[Opening GIVEN RECORDS section]
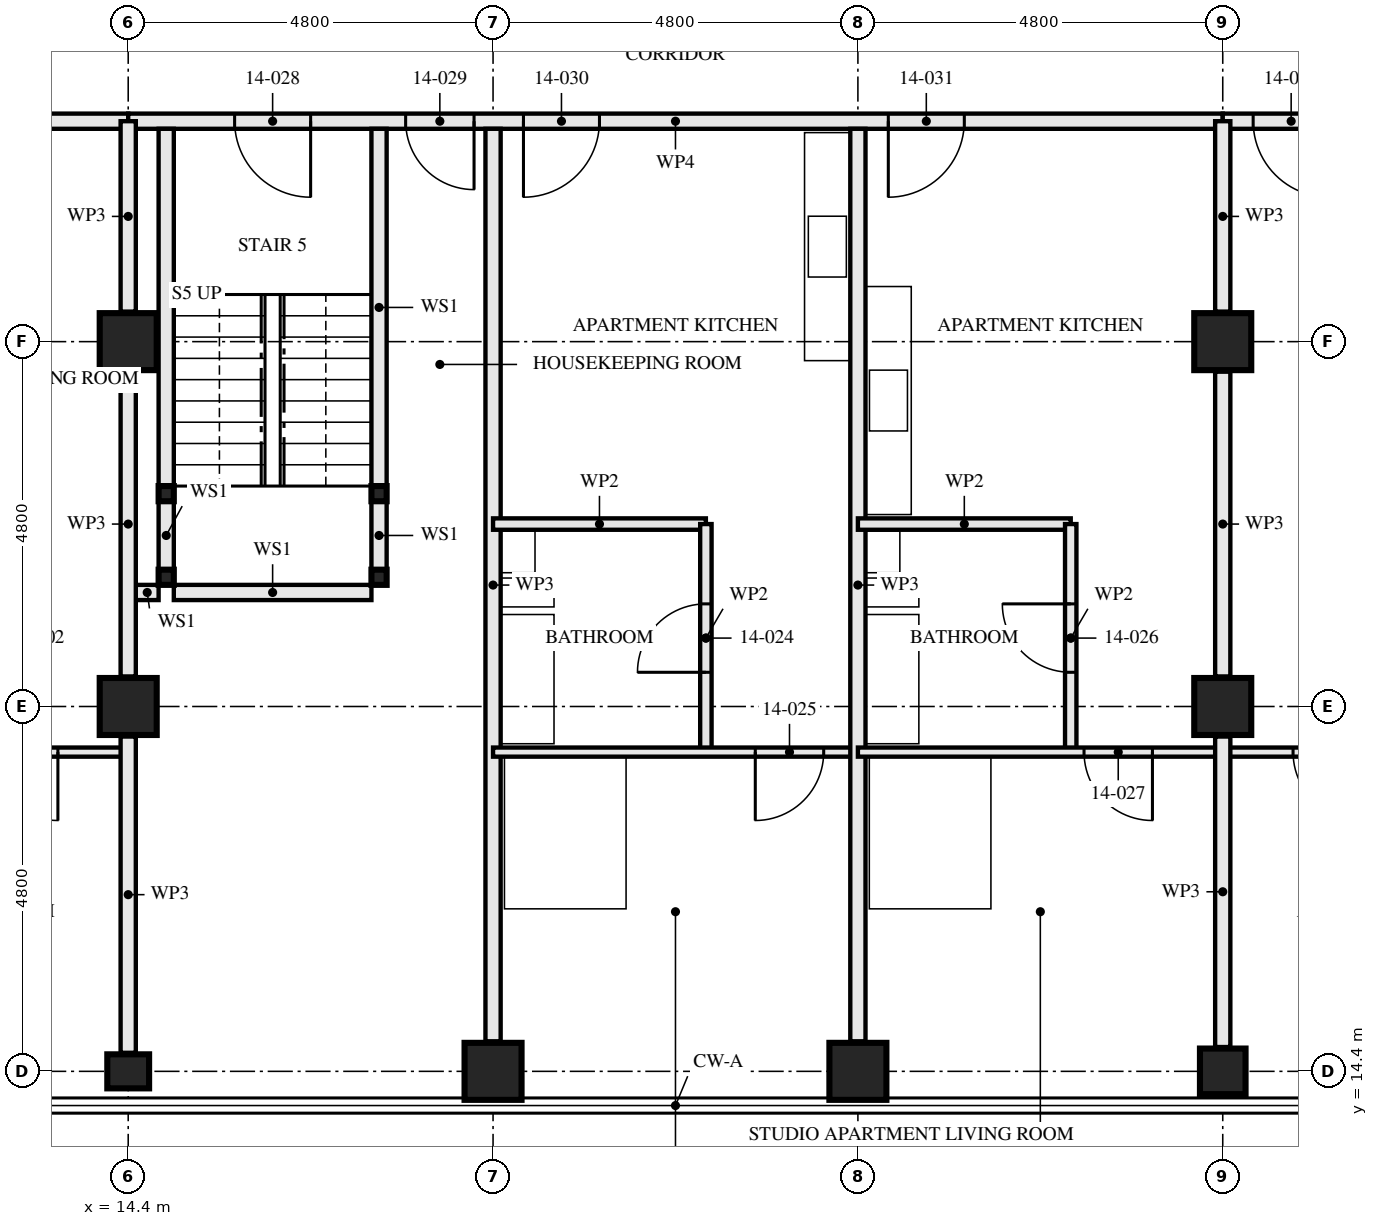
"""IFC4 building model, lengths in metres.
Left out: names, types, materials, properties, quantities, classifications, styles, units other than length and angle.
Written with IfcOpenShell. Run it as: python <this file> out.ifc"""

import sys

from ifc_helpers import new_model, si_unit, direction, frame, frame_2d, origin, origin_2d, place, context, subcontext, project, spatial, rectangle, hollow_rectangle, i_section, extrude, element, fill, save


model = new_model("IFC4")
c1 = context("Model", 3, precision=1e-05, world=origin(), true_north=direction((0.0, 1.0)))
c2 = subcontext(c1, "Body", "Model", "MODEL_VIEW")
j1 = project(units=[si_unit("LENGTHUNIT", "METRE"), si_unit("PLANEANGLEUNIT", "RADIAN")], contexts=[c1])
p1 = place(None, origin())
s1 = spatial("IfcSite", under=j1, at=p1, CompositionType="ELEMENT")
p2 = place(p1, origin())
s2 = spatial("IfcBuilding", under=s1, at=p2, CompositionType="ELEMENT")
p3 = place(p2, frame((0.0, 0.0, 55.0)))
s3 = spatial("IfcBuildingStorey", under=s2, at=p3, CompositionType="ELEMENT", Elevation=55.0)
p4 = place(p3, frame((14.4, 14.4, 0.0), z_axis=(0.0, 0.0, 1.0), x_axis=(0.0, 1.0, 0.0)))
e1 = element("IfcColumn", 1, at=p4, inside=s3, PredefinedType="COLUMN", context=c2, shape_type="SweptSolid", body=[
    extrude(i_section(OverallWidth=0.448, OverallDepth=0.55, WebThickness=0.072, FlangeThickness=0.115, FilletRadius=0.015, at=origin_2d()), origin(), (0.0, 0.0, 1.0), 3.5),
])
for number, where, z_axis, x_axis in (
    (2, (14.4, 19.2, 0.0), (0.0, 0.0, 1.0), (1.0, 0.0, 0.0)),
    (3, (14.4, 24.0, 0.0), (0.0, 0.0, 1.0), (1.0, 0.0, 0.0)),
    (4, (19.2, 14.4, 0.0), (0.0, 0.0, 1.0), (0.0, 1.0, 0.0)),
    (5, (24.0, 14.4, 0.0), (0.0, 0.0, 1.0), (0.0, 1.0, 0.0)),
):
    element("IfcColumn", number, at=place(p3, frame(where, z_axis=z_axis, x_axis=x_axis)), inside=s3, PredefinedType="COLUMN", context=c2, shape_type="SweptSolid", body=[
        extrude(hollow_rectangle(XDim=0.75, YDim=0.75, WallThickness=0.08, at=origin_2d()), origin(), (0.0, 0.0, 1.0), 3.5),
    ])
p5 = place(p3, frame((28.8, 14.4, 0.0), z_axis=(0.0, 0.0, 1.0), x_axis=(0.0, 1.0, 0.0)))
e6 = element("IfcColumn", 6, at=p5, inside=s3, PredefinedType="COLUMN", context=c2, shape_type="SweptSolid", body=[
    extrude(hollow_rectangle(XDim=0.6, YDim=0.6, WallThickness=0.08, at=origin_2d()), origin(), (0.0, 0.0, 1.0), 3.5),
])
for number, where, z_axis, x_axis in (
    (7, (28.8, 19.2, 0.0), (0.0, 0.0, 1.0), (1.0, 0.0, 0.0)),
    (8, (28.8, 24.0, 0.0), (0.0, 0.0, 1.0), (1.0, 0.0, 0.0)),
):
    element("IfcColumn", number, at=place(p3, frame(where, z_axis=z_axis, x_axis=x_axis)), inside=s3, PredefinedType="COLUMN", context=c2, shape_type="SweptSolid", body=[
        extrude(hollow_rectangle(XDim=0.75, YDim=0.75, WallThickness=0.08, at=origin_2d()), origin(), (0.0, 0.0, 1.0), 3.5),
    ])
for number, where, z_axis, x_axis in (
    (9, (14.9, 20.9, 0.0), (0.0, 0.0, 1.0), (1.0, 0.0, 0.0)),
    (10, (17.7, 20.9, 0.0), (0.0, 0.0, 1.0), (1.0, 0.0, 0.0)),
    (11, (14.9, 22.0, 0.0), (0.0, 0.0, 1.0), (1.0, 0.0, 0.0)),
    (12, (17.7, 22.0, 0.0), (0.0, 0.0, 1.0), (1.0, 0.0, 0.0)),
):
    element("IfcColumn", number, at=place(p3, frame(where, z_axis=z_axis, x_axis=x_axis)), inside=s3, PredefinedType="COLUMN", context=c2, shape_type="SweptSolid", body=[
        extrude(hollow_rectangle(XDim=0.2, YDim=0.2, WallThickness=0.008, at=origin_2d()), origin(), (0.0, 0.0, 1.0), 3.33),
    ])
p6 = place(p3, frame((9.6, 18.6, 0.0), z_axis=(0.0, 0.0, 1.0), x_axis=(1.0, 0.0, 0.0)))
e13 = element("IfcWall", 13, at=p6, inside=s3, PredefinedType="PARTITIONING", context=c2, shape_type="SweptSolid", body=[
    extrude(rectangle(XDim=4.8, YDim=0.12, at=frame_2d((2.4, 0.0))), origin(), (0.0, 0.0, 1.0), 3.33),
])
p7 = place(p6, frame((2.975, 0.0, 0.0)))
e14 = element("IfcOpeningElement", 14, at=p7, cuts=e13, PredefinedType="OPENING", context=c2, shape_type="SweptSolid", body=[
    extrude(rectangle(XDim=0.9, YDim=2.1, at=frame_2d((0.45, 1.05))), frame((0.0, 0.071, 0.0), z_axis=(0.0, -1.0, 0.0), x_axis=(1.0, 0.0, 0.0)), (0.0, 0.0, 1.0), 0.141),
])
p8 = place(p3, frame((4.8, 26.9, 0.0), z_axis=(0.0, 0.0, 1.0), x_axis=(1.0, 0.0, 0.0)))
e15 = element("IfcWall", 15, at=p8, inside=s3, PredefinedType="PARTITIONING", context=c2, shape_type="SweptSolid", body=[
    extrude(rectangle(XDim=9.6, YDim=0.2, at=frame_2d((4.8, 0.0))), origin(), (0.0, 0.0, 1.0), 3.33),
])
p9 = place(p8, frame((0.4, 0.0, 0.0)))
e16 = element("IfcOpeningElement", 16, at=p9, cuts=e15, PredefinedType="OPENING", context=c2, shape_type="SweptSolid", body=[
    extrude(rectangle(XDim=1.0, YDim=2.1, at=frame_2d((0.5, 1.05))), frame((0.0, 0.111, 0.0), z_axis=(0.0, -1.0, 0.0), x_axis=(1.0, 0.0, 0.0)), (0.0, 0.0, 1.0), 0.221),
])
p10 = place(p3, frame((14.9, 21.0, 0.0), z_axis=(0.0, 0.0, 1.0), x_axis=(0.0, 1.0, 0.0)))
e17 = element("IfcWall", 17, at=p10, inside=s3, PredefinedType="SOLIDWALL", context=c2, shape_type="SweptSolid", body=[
[Closing GIVEN RECORDS section]
EXERCISE REQUIREMENTS – Looking at the records above, say how many of their lines include the word "inside", with no other words.

EXERCISE SOLUTION – 8